* Entries taken from a collection
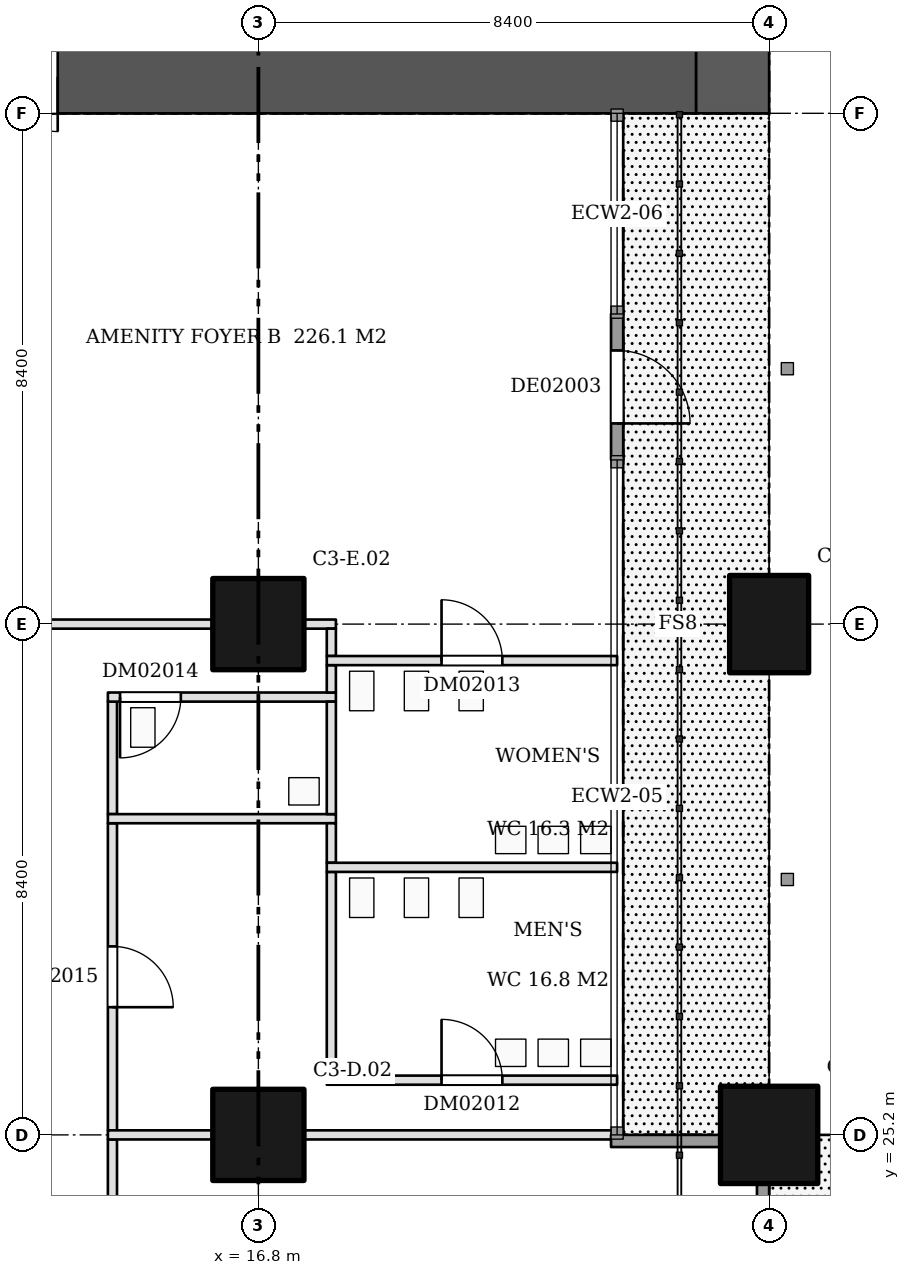
"""IFC4 building model, lengths in metres.
Left out: names, types, materials, properties, quantities, classifications, styles, units other than length and angle.
Written with IfcOpenShell. Run it as: python <this file> out.ifc"""

import sys

from ifc_helpers import new_model, si_unit, direction, frame, frame_2d, origin, origin_2d, place, context, subcontext, project, spatial, rectangle, extrude, element, fill, save


model = new_model("IFC4")
c1 = context("Model", 3, precision=1e-05, world=origin(), true_north=direction((0.0, 1.0)))
c2 = subcontext(c1, "Body", "Model", "MODEL_VIEW")
j1 = project(units=[si_unit("LENGTHUNIT", "METRE"), si_unit("PLANEANGLEUNIT", "RADIAN")], contexts=[c1])
p1 = place(None, origin())
s1 = spatial("IfcSite", under=j1, at=p1, CompositionType="ELEMENT")
p2 = place(p1, origin())
s2 = spatial("IfcBuilding", under=s1, at=p2, CompositionType="ELEMENT")
p3 = place(p2, frame((0.0, 0.0, 14.4)))
s3 = spatial("IfcBuildingStorey", under=s2, at=p3, CompositionType="ELEMENT", Elevation=14.4)
for number, where, z_axis, x_axis in (
    (1, (16.8, 25.2, 0.0), (0.0, 0.0, 1.0), (1.0, 0.0, 0.0)),
    (2, (16.8, 33.6, 0.0), (0.0, 0.0, 1.0), (1.0, 0.0, 0.0)),
):
    element("IfcColumn", number, at=place(p3, frame(where, z_axis=z_axis, x_axis=x_axis)), inside=s3, PredefinedType="COLUMN", context=c2, shape_type="SweptSolid", body=[
        extrude(rectangle(XDim=1.5, YDim=1.5, at=origin_2d()), origin(), (0.0, 0.0, 1.0), 5.1),
    ])
p4 = place(p3, frame((25.2, 25.2, 0.0), z_axis=(0.0, 0.0, 1.0), x_axis=(1.0, 0.0, 0.0)))
e3 = element("IfcColumn", 3, at=p4, inside=s3, PredefinedType="COLUMN", context=c2, shape_type="SweptSolid", body=[
    extrude(rectangle(XDim=1.6, YDim=1.6, at=origin_2d()), origin(), (0.0, 0.0, 1.0), 5.1),
])
p5 = place(p3, frame((25.2, 33.6, 0.0), z_axis=(0.0, 0.0, 1.0), x_axis=(0.0, 1.0, 0.0)))
e4 = element("IfcColumn", 4, at=p5, inside=s3, PredefinedType="COLUMN", context=c2, shape_type="SweptSolid", body=[
    extrude(rectangle(XDim=1.6, YDim=1.3, at=origin_2d()), origin(), (0.0, 0.0, 1.0), 5.1),
])
p6 = place(p3, frame((24.6, 58.8, 0.0), z_axis=(0.0, 0.0, 1.0), x_axis=(0.0, -1.0, 0.0)))
e5 = element("IfcWall", 5, at=p6, inside=s3, PredefinedType="SHEAR", context=c2, shape_type="SweptSolid", body=[
    extrude(rectangle(XDim=16.8, YDim=1.2, at=frame_2d((8.4, 0.0))), origin(), (0.0, 0.0, 1.0), 5.1),
])
p7 = place(p6, frame((1.8, 0.0, 0.5)))
e6 = element("IfcOpeningElement", 6, at=p7, cuts=e5, PredefinedType="OPENING", context=c2, shape_type="SweptSolid", body=[
    extrude(rectangle(XDim=1.8, YDim=2.4, at=frame_2d((0.9, 1.2))), frame((0.0, 0.61, 0.0), z_axis=(0.0, -1.0, 0.0), x_axis=(1.0, 0.0, 0.0)), (0.0, 0.0, 1.0), 1.22),
])
p8 = place(p6, frame((4.644, 0.0, 1.6)))
e7 = element("IfcOpeningElement", 7, at=p8, cuts=e5, PredefinedType="OPENING", context=c2, shape_type="SweptSolid", body=[
    extrude(rectangle(XDim=1.2, YDim=1.2, at=frame_2d((0.6, 0.6))), frame((0.0, 0.61, 0.0), z_axis=(0.0, -1.0, 0.0), x_axis=(1.0, 0.0, 0.0)), (0.0, 0.0, 1.0), 1.22),
])
p9 = place(p6, frame((6.45, 0.0, 1.6)))
e8 = element("IfcOpeningElement", 8, at=p9, cuts=e5, PredefinedType="OPENING", context=c2, shape_type="SweptSolid", body=[
    extrude(rectangle(XDim=1.8, YDim=1.2, at=frame_2d((0.9, 0.6))), frame((0.0, 0.61, 0.0), z_axis=(0.0, -1.0, 0.0), x_axis=(1.0, 0.0, 0.0)), (0.0, 0.0, 1.0), 1.22),
])
p10 = place(p6, frame((12.65, 0.0, 0.5)))
e9 = element("IfcOpeningElement", 9, at=p10, cuts=e5, PredefinedType="OPENING", context=c2, shape_type="SweptSolid", body=[
    extrude(rectangle(XDim=1.8, YDim=2.4, at=frame_2d((0.9, 1.2))), frame((0.0, 0.61, 0.0), z_axis=(0.0, -1.0, 0.0), x_axis=(1.0, 0.0, 0.0)), (0.0, 0.0, 1.0), 1.22),
])
p11 = place(p3, frame((9.6, 42.6, 0.0), z_axis=(0.0, 0.0, 1.0), x_axis=(1.0, 0.0, 0.0)))
e10 = element("IfcWall", 10, at=p11, inside=s3, PredefinedType="SHEAR", context=c2, shape_type="SweptSolid", body=[
    extrude(rectangle(XDim=14.4, YDim=1.2, at=frame_2d((7.2, 0.0))), origin(), (0.0, 0.0, 1.0), 5.1),
])
p12 = place(p11, frame((2.1, 0.0, 0.0)))
e11 = element("IfcOpeningElement", 11, at=p12, cuts=e10, PredefinedType="OPENING", context=c2, shape_type="SweptSolid", body=[
    extrude(rectangle(XDim=1.8, YDim=2.1, at=frame_2d((0.9, 1.05))), frame((0.0, 0.61, 0.0), z_axis=(0.0, -1.0, 0.0), x_axis=(1.0, 0.0, 0.0)), (0.0, 0.0, 1.0), 1.22),
])
p13 = place(p3, frame((10.8, 33.6, 0.0), z_axis=(0.0, 0.0, 1.0), x_axis=(1.0, 0.0, 0.0)))
e12 = element("IfcWall", 12, at=p13, inside=s3, PredefinedType="PARTITIONING", context=c2, shape_type="SweptSolid", body=[
    extrude(rectangle(XDim=5.25, YDim=0.15, at=frame_2d((2.625, 0.0))), origin(), (0.0, 0.0, 1.0), 5.1),
])
p14 = place(p3, frame((17.55, 33.6, 0.0), z_axis=(0.0, 0.0, 1.0), x_axis=(1.0, 0.0, 0.0)))
e13 = element("IfcWall", 13, at=p14, inside=s3, PredefinedType="PARTITIONING", context=c2, shape_type="SweptSolid", body=[
    extrude(rectangle(XDim=0.525, YDim=0.15, at=frame_2d((0.262, 0.0))), origin(), (0.0, 0.0, 1.0), 5.1),
])
p15 = place(p3, frame((14.4, 20.8, 0.0), z_axis=(0.0, 0.0, 1.0), x_axis=(0.0, 1.0, 0.0)))
e14 = element("IfcWall", 14, at=p15, inside=s3, PredefinedType="PARTITIONING", context=c2, shape_type="SweptSolid", body=[
    extrude(rectangle(XDim=4.325, YDim=0.15, at=frame_2d((2.163, 0.0))), origin(), (0.0, 0.0, 1.0), 5.1),
])
p16 = place(p15, frame((1.262, 0.0, 0.0)))
e15 = element("IfcOpeningElement", 15, at=p16, cuts=e14, PredefinedType="OPENING", context=c2, shape_type="SweptSolid", body=[
    extrude(rectangle(XDim=1.8, YDim=2.1, at=frame_2d((0.9, 1.05))), frame((0.0, 0.085, 0.0), z_axis=(0.0, -1.0, 0.0), x_axis=(1.0, 0.0, 0.0)), (0.0, 0.0, 1.0), 0.17),
])
p17 = place(p3, frame((14.4, 25.275, 0.0), z_axis=(0.0, 0.0, 1.0), x_axis=(0.0, 1.0, 0.0)))
e16 = element("IfcWall", 16, at=p17, inside=s3, PredefinedType="PARTITIONING", context=c2, shape_type="SweptSolid", body=[
    extrude(rectangle(XDim=5.05, YDim=0.15, at=frame_2d((2.525, 0.0))), origin(), (0.0, 0.0, 1.0), 5.1),
])
p18 = place(p17, frame((2.025, 0.0, 0.0)))
e17 = element("IfcOpeningElement", 17, at=p18, cuts=e16, PredefinedType="OPENING", context=c2, shape_type="SweptSolid", body=[
    extrude(rectangle(XDim=1.0, YDim=2.1, at=frame_2d((0.5, 1.05))), frame((0.0, 0.085, 0.0), z_axis=(0.0, -1.0, 0.0), x_axis=(1.0, 0.0, 0.0)), (0.0, 0.0, 1.0), 0.17),
])
p19 = place(p3, frame((14.325, 25.2, 0.0), z_axis=(0.0, 0.0, 1.0), x_axis=(1.0, 0.0, 0.0)))
e18 = element("IfcWall", 18, at=p19, inside=s3, PredefinedType="PARTITIONING", context=c2, shape_type="SweptSolid", body=[
    extrude(rectangle(XDim=1.725, YDim=0.15, at=frame_2d((0.863, 0.0))), origin(), (0.0, 0.0, 1.0), 5.1),
])
p20 = place(p3, frame((17.55, 25.2, 0.0), z_axis=(0.0, 0.0, 1.0), x_axis=(1.0, 0.0, 0.0)))
e19 = element("IfcWall", 19, at=p20, inside=s3, PredefinedType="PARTITIONING", context=c2, shape_type="SweptSolid", body=[
    extrude(rectangle(XDim=5.15, YDim=0.15, at=frame_2d((2.575, 0.0))), origin(), (0.0, 0.0, 1.0), 5.1),
])
p21 = place(p3, frame((14.4, 30.475, 0.0), z_axis=(0.0, 0.0, 1.0), x_axis=(0.0, 1.0, 0.0)))
e20 = element("IfcWall", 20, at=p21, inside=s3, PredefinedType="PARTITIONING", context=c2, shape_type="SweptSolid", body=[
    extrude(rectangle(XDim=1.85, YDim=0.15, at=frame_2d((0.925, 0.0))), origin(), (0.0, 0.0, 1.0), 5.1),
])
p22 = place(p3, frame((14.325, 30.4, 0.0), z_axis=(0.0, 0.0, 1.0), x_axis=(1.0, 0.0, 0.0)))
e21 = element("IfcWall", 21, at=p22, inside=s3, PredefinedType="PARTITIONING", context=c2, shape_type="SweptSolid", body=[
    extrude(rectangle(XDim=3.75, YDim=0.15, at=frame_2d((1.875, 0.0))), origin(), (0.0, 0.0, 1.0), 5.1),
])
p23 = place(p3, frame((14.325, 32.4, 0.0), z_axis=(0.0, 0.0, 1.0), x_axis=(1.0, 0.0, 0.0)))
e22 = element("IfcWall", 22, at=p23, inside=s3, PredefinedType="PARTITIONING", context=c2, shape_type="SweptSolid", body=[
    extrude(rectangle(XDim=3.75, YDim=0.15, at=frame_2d((1.875, 0.0))), origin(), (0.0, 0.0, 1.0), 5.1),
])
p24 = place(p23, frame((0.2, 0.0, 0.0)))
e23 = element("IfcOpeningElement", 23, at=p24, cuts=e22, PredefinedType="OPENING", context=c2, shape_type="SweptSolid", body=[
    extrude(rectangle(XDim=1.0, YDim=2.1, at=frame_2d((0.5, 1.05))), frame((0.0, 0.085, 0.0), z_axis=(0.0, -1.0, 0.0), x_axis=(1.0, 0.0, 0.0)), (0.0, 0.0, 1.0), 0.17),
])
p25 = place(p3, frame((18.0, 26.175, 0.0), z_axis=(0.0, 0.0, 1.0), x_axis=(0.0, 1.0, 0.0)))
e24 = element("IfcWall", 24, at=p25, inside=s3, PredefinedType="PARTITIONING", context=c2, shape_type="SweptSolid", body=[
    extrude(rectangle(XDim=3.35, YDim=0.15, at=frame_2d((1.675, 0.0))), origin(), (0.0, 0.0, 1.0), 5.1),
])
p26 = place(p3, frame((17.925, 26.1, 0.0), z_axis=(0.0, 0.0, 1.0), x_axis=(1.0, 0.0, 0.0)))
e25 = element("IfcWall", 25, at=p26, inside=s3, PredefinedType="PARTITIONING", context=c2, shape_type="SweptSolid", body=[
    extrude(rectangle(XDim=4.775, YDim=0.15, at=frame_2d((2.387, 0.0))), origin(), (0.0, 0.0, 1.0), 5.1),
])
p27 = place(p26, frame((1.887, 0.0, 0.0)))
e26 = element("IfcOpeningElement", 26, at=p27, cuts=e25, PredefinedType="OPENING", context=c2, shape_type="SweptSolid", body=[
    extrude(rectangle(XDim=1.0, YDim=2.1, at=frame_2d((0.5, 1.05))), frame((0.0, 0.085, 0.0), z_axis=(0.0, -1.0, 0.0), x_axis=(1.0, 0.0, 0.0)), (0.0, 0.0, 1.0), 0.17),
])
p28 = place(p3, frame((18.0, 29.675, 0.0), z_axis=(0.0, 0.0, 1.0), x_axis=(0.0, 1.0, 0.0)))
e27 = element("IfcWall", 27, at=p28, inside=s3, PredefinedType="PARTITIONING", context=c2, shape_type="SweptSolid", body=[
    extrude(rectangle(XDim=0.65, YDim=0.15, at=frame_2d((0.325, 0.0))), origin(), (0.0, 0.0, 1.0), 5.1),
])
p29 = place(p3, frame((17.925, 29.6, 0.0), z_axis=(0.0, 0.0, 1.0), x_axis=(1.0, 0.0, 0.0)))
e28 = element("IfcWall", 28, at=p29, inside=s3, PredefinedType="PARTITIONING", context=c2, shape_type="SweptSolid", body=[
    extrude(rectangle(XDim=4.775, YDim=0.15, at=frame_2d((2.387, 0.0))), origin(), (0.0, 0.0, 1.0), 5.1),
])
p30 = place(p3, frame((18.0, 30.475, 0.0), z_axis=(0.0, 0.0, 1.0), x_axis=(0.0, 1.0, 0.0)))
e29 = element("IfcWall", 29, at=p30, inside=s3, PredefinedType="PARTITIONING", context=c2, shape_type="SweptSolid", body=[
    extrude(rectangle(XDim=1.85, YDim=0.15, at=frame_2d((0.925, 0.0))), origin(), (0.0, 0.0, 1.0), 5.1),
])
for number, where, z_axis, x_axis in (
    (30, (18.0, 32.475, 0.0), (0.0, 0.0, 1.0), (0.0, 1.0, 0.0)),
    (31, (18.0, 33.075, 0.0), (0.0, 0.0, 1.0), (0.0, 1.0, 0.0)),
):
    element("IfcWall", number, at=place(p3, frame(where, z_axis=z_axis, x_axis=x_axis)), inside=s3, PredefinedType="PARTITIONING", context=c2, shape_type="SweptSolid", body=[
        extrude(rectangle(XDim=0.45, YDim=0.15, at=frame_2d((0.225, 0.0))), origin(), (0.0, 0.0, 1.0), 5.1),
    ])
p31 = place(p3, frame((17.925, 33.0, 0.0), z_axis=(0.0, 0.0, 1.0), x_axis=(1.0, 0.0, 0.0)))
e32 = element("IfcWall", 32, at=p31, inside=s3, PredefinedType="PARTITIONING", context=c2, shape_type="SweptSolid", body=[
    extrude(rectangle(XDim=4.775, YDim=0.15, at=frame_2d((2.387, 0.0))), origin(), (0.0, 0.0, 1.0), 5.1),
])
p32 = place(p31, frame((1.887, 0.0, 0.0)))
e33 = element("IfcOpeningElement", 33, at=p32, cuts=e32, PredefinedType="OPENING", context=c2, shape_type="SweptSolid", body=[
    extrude(rectangle(XDim=1.0, YDim=2.1, at=frame_2d((0.5, 1.05))), frame((0.0, 0.085, 0.0), z_axis=(0.0, -1.0, 0.0), x_axis=(1.0, 0.0, 0.0)), (0.0, 0.0, 1.0), 0.17),
])
p33 = place(p3, frame((25.1, 22.8, 0.0), z_axis=(0.0, 0.0, 1.0), x_axis=(0.0, 1.0, 0.0)))
e34 = element("IfcWall", 34, at=p33, inside=s3, PredefinedType="SOLIDWALL", context=c2, shape_type="SweptSolid", body=[
    extrude(rectangle(XDim=1.6, YDim=0.2, at=frame_2d((0.8, 0.0))), origin(), (0.0, 0.0, 1.0), 5.1),
])
p34 = place(p3, frame((24.4, 25.1, 0.0), z_axis=(0.0, 0.0, 1.0), x_axis=(-1.0, 0.0, 0.0)))
e35 = element("IfcWall", 35, at=p34, inside=s3, PredefinedType="SOLIDWALL", context=c2, shape_type="SweptSolid", body=[
    extrude(rectangle(XDim=1.8, YDim=0.2, at=frame_2d((0.9, 0.0))), origin(), (0.0, 0.0, 1.0), 5.1),
])
p35 = place(p3, frame((22.7, 36.3, 0.0), z_axis=(0.0, 0.0, 1.0), x_axis=(0.0, 1.0, 0.0)))
e36 = element("IfcWall", 36, at=p35, inside=s3, PredefinedType="SOLIDWALL", context=c2, shape_type="SweptSolid", body=[
    extrude(rectangle(XDim=2.4, YDim=0.2, at=frame_2d((1.2, 0.0))), origin(), (0.0, 0.0, 1.0), 5.1),
])
p36 = place(p35, frame((0.6, 0.0, 0.0)))
e37 = element("IfcOpeningElement", 37, at=p36, cuts=e36, PredefinedType="OPENING", context=c2, shape_type="SweptSolid", body=[
    extrude(rectangle(XDim=1.2, YDim=2.4, at=frame_2d((0.6, 1.2))), frame((0.0, 0.11, 0.0), z_axis=(0.0, -1.0, 0.0), x_axis=(1.0, 0.0, 0.0)), (0.0, 0.0, 1.0), 0.22),
])
p37 = place(p12, frame((1.8, 0.0, 0.0), z_axis=(0.0, 0.0, 1.0), x_axis=(-1.0, 0.0, 0.0)))
e38 = element("IfcDoor", 38, at=p37, inside=s3, OperationType="DOUBLE_DOOR_SINGLE_SWING", PredefinedType="DOOR", context=c2, shape_type="SweptSolid", body=[
    extrude(rectangle(XDim=1.8, YDim=2.1, at=frame_2d((0.9, 1.05))), frame((0.0, 0.025, 0.0), z_axis=(0.0, -1.0, 0.0), x_axis=(1.0, 0.0, 0.0)), (0.0, 0.0, 1.0), 0.05),
])
fill(e11, e38)
p38 = place(p27, origin())
e39 = element("IfcDoor", 39, at=p38, inside=s3, OperationType="SINGLE_SWING_LEFT", PredefinedType="DOOR", context=c2, shape_type="SweptSolid", body=[
    extrude(rectangle(XDim=1.0, YDim=2.1, at=frame_2d((0.5, 1.05))), frame((0.0, 0.025, 0.0), z_axis=(0.0, -1.0, 0.0), x_axis=(1.0, 0.0, 0.0)), (0.0, 0.0, 1.0), 0.05),
])
fill(e26, e39)
p39 = place(p32, origin())
e40 = element("IfcDoor", 40, at=p39, inside=s3, OperationType="SINGLE_SWING_LEFT", PredefinedType="DOOR", context=c2, shape_type="SweptSolid", body=[
    extrude(rectangle(XDim=1.0, YDim=2.1, at=frame_2d((0.5, 1.05))), frame((0.0, 0.025, 0.0), z_axis=(0.0, -1.0, 0.0), x_axis=(1.0, 0.0, 0.0)), (0.0, 0.0, 1.0), 0.05),
])
fill(e33, e40)
p40 = place(p24, frame((1.0, 0.0, 0.0), z_axis=(0.0, 0.0, 1.0), x_axis=(-1.0, 0.0, 0.0)))
e41 = element("IfcDoor", 41, at=p40, inside=s3, OperationType="SINGLE_SWING_RIGHT", PredefinedType="DOOR", context=c2, shape_type="SweptSolid", body=[
    extrude(rectangle(XDim=1.0, YDim=2.1, at=frame_2d((0.5, 1.05))), frame((0.0, 0.025, 0.0), z_axis=(0.0, -1.0, 0.0), x_axis=(1.0, 0.0, 0.0)), (0.0, 0.0, 1.0), 0.05),
])
fill(e23, e41)
p41 = place(p18, frame((1.0, 0.0, 0.0), z_axis=(0.0, 0.0, 1.0), x_axis=(-1.0, 0.0, 0.0)))
e42 = element("IfcDoor", 42, at=p41, inside=s3, OperationType="SINGLE_SWING_RIGHT", PredefinedType="DOOR", context=c2, shape_type="SweptSolid", body=[
    extrude(rectangle(XDim=1.0, YDim=2.1, at=frame_2d((0.5, 1.05))), frame((0.0, 0.025, 0.0), z_axis=(0.0, -1.0, 0.0), x_axis=(1.0, 0.0, 0.0)), (0.0, 0.0, 1.0), 0.05),
])
fill(e17, e42)
p42 = place(p36, frame((1.2, 0.0, 0.0), z_axis=(0.0, 0.0, 1.0), x_axis=(-1.0, 0.0, 0.0)))
e43 = element("IfcDoor", 43, at=p42, inside=s3, OperationType="SINGLE_SWING_RIGHT", PredefinedType="DOOR", context=c2, shape_type="SweptSolid", body=[
    extrude(rectangle(XDim=1.2, YDim=2.4, at=frame_2d((0.6, 1.2))), frame((0.0, 0.025, 0.0), z_axis=(0.0, -1.0, 0.0), x_axis=(1.0, 0.0, 0.0)), (0.0, 0.0, 1.0), 0.05),
])
fill(e37, e43)
save(model, sys.argv[1])

* Exercise instructions
Copy all lines from the data that hold the word "fill".

* Your solution
from ifc_helpers import new_model, si_unit, direction, frame, frame_2d, origin, origin_2d, place, context, subcontext, project, spatial, rectangle, extrude, element, fill, save
fill(e11, e38)
fill(e26, e39)
fill(e33, e40)
fill(e23, e41)
fill(e17, e42)
fill(e37, e43)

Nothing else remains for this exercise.